## Required action
Write the data out again exactly, with no pictures.

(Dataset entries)
========================================

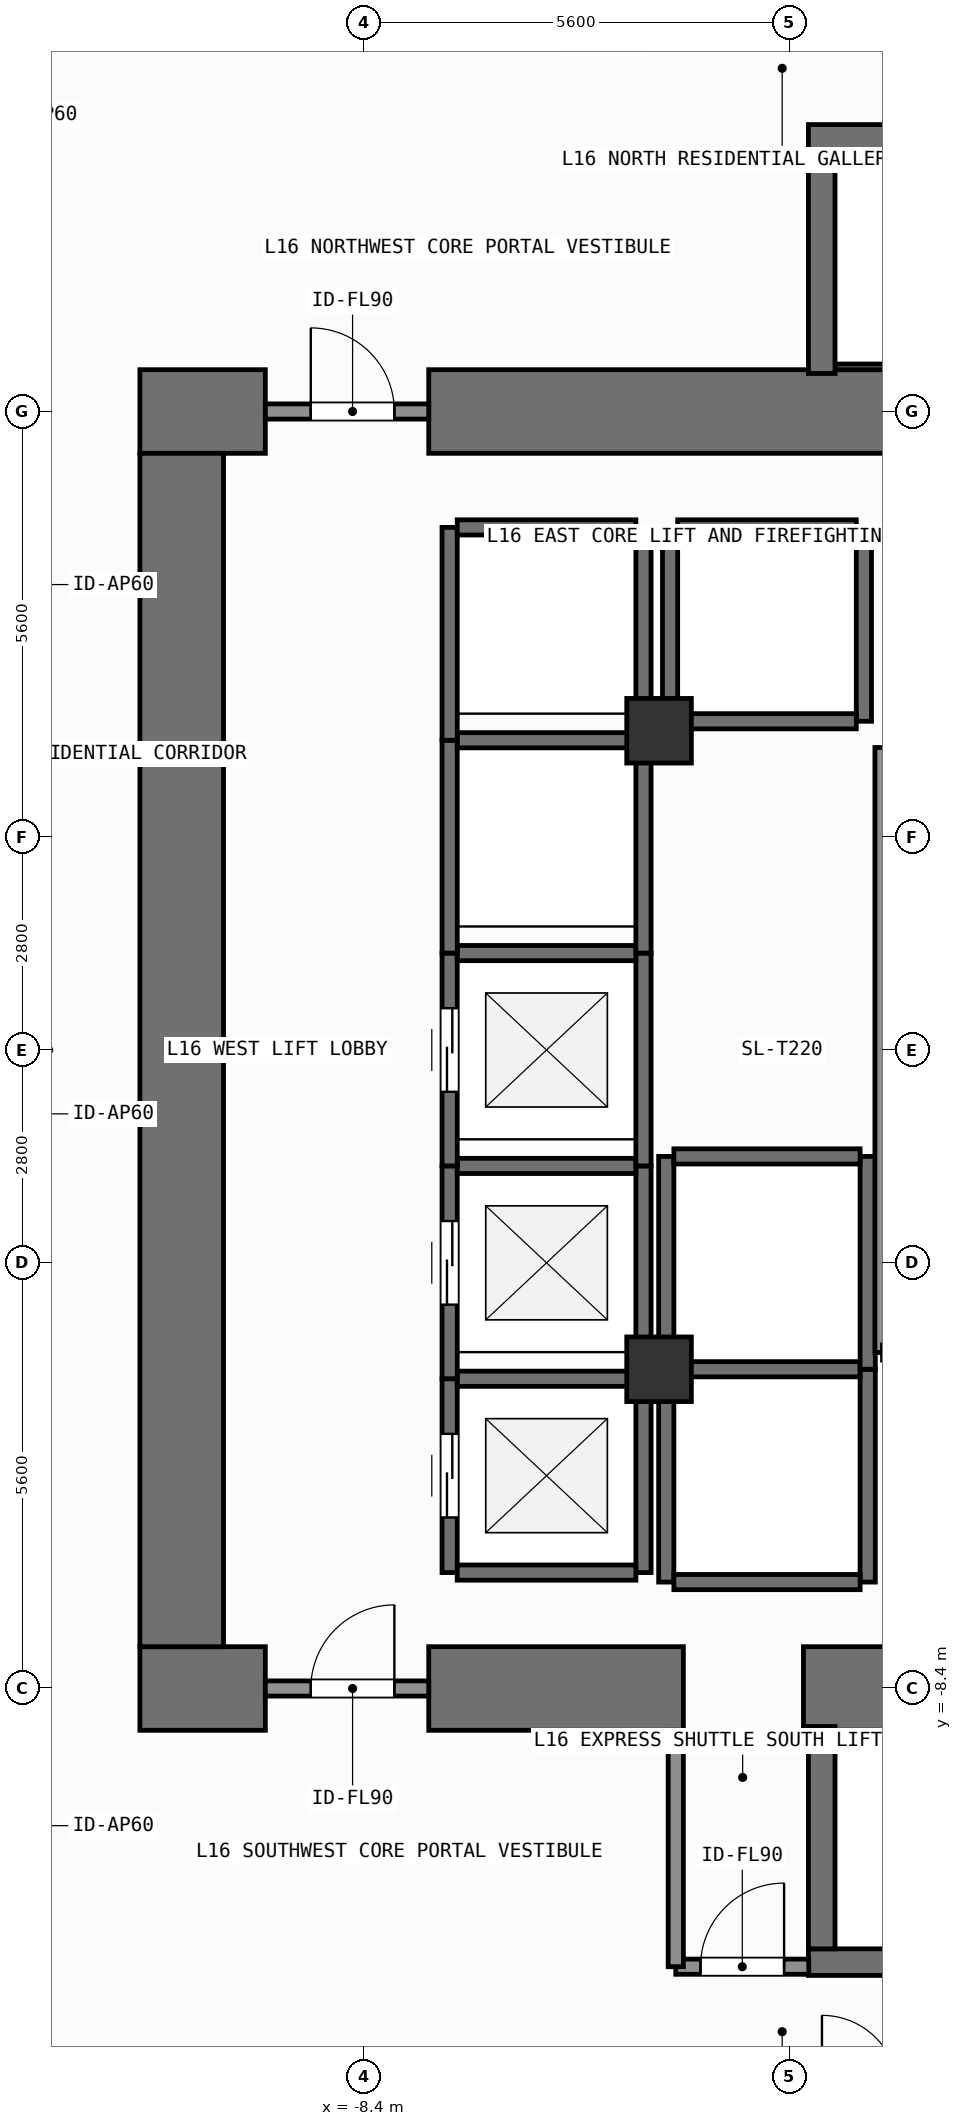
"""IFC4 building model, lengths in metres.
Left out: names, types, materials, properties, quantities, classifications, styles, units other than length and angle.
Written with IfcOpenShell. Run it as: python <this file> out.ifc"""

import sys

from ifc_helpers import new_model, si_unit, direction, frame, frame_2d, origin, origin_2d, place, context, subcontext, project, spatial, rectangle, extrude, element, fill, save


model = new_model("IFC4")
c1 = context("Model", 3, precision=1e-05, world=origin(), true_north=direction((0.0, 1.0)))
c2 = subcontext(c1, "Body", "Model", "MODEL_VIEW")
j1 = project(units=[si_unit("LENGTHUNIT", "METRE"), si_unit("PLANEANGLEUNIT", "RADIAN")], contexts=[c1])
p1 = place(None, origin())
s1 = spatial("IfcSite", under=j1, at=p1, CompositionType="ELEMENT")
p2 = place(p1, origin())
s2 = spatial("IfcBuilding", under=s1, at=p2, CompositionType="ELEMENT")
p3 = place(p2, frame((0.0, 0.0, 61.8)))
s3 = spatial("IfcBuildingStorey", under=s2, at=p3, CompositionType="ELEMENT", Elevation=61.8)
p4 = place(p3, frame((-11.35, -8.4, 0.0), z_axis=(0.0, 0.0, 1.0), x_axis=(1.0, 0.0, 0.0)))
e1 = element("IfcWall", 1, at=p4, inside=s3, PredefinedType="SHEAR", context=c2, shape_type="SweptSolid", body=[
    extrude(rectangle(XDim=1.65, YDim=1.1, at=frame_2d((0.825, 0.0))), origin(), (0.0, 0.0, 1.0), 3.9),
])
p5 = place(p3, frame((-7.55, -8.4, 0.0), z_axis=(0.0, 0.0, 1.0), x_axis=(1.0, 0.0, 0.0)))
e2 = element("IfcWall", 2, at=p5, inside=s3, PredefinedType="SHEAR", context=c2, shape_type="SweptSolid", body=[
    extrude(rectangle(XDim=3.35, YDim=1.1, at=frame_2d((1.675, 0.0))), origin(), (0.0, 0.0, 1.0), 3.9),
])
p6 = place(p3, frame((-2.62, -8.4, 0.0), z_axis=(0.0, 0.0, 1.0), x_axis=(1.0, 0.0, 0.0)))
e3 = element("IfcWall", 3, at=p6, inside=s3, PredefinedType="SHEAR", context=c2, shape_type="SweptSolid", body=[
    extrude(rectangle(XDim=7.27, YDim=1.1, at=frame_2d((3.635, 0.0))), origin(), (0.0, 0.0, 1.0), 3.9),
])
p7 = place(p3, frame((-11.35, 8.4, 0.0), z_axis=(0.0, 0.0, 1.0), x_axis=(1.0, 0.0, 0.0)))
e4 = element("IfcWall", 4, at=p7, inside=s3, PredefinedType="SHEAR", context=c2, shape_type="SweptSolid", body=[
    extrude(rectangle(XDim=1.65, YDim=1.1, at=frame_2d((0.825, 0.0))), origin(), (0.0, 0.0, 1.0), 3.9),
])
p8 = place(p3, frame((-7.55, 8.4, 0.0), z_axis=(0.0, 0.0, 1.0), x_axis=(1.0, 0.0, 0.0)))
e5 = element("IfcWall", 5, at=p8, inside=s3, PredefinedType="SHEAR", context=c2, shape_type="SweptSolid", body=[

========================================

## Your solution
"""IFC4 building model, lengths in metres.
Left out: names, types, materials, properties, quantities, classifications, styles, units other than length and angle.
Written with IfcOpenShell. Run it as: python <this file> out.ifc"""

import sys

from ifc_helpers import new_model, si_unit, direction, frame, frame_2d, origin, origin_2d, place, context, subcontext, project, spatial, rectangle, extrude, element, fill, save


model = new_model("IFC4")
c1 = context("Model", 3, precision=1e-05, world=origin(), true_north=direction((0.0, 1.0)))
c2 = subcontext(c1, "Body", "Model", "MODEL_VIEW")
j1 = project(units=[si_unit("LENGTHUNIT", "METRE"), si_unit("PLANEANGLEUNIT", "RADIAN")], contexts=[c1])
p1 = place(None, origin())
s1 = spatial("IfcSite", under=j1, at=p1, CompositionType="ELEMENT")
p2 = place(p1, origin())
s2 = spatial("IfcBuilding", under=s1, at=p2, CompositionType="ELEMENT")
p3 = place(p2, frame((0.0, 0.0, 61.8)))
s3 = spatial("IfcBuildingStorey", under=s2, at=p3, CompositionType="ELEMENT", Elevation=61.8)
p4 = place(p3, frame((-11.35, -8.4, 0.0), z_axis=(0.0, 0.0, 1.0), x_axis=(1.0, 0.0, 0.0)))
e1 = element("IfcWall", 1, at=p4, inside=s3, PredefinedType="SHEAR", context=c2, shape_type="SweptSolid", body=[
    extrude(rectangle(XDim=1.65, YDim=1.1, at=frame_2d((0.825, 0.0))), origin(), (0.0, 0.0, 1.0), 3.9),
])
p5 = place(p3, frame((-7.55, -8.4, 0.0), z_axis=(0.0, 0.0, 1.0), x_axis=(1.0, 0.0, 0.0)))
e2 = element("IfcWall", 2, at=p5, inside=s3, PredefinedType="SHEAR", context=c2, shape_type="SweptSolid", body=[
    extrude(rectangle(XDim=3.35, YDim=1.1, at=frame_2d((1.675, 0.0))), origin(), (0.0, 0.0, 1.0), 3.9),
])
p6 = place(p3, frame((-2.62, -8.4, 0.0), z_axis=(0.0, 0.0, 1.0), x_axis=(1.0, 0.0, 0.0)))
e3 = element("IfcWall", 3, at=p6, inside=s3, PredefinedType="SHEAR", context=c2, shape_type="SweptSolid", body=[
    extrude(rectangle(XDim=7.27, YDim=1.1, at=frame_2d((3.635, 0.0))), origin(), (0.0, 0.0, 1.0), 3.9),
])
p7 = place(p3, frame((-11.35, 8.4, 0.0), z_axis=(0.0, 0.0, 1.0), x_axis=(1.0, 0.0, 0.0)))
e4 = element("IfcWall", 4, at=p7, inside=s3, PredefinedType="SHEAR", context=c2, shape_type="SweptSolid", body=[
    extrude(rectangle(XDim=1.65, YDim=1.1, at=frame_2d((0.825, 0.0))), origin(), (0.0, 0.0, 1.0), 3.9),
])
p8 = place(p3, frame((-7.55, 8.4, 0.0), z_axis=(0.0, 0.0, 1.0), x_axis=(1.0, 0.0, 0.0)))
e5 = element("IfcWall", 5, at=p8, inside=s3, PredefinedType="SHEAR", context=c2, shape_type="SweptSolid", body=[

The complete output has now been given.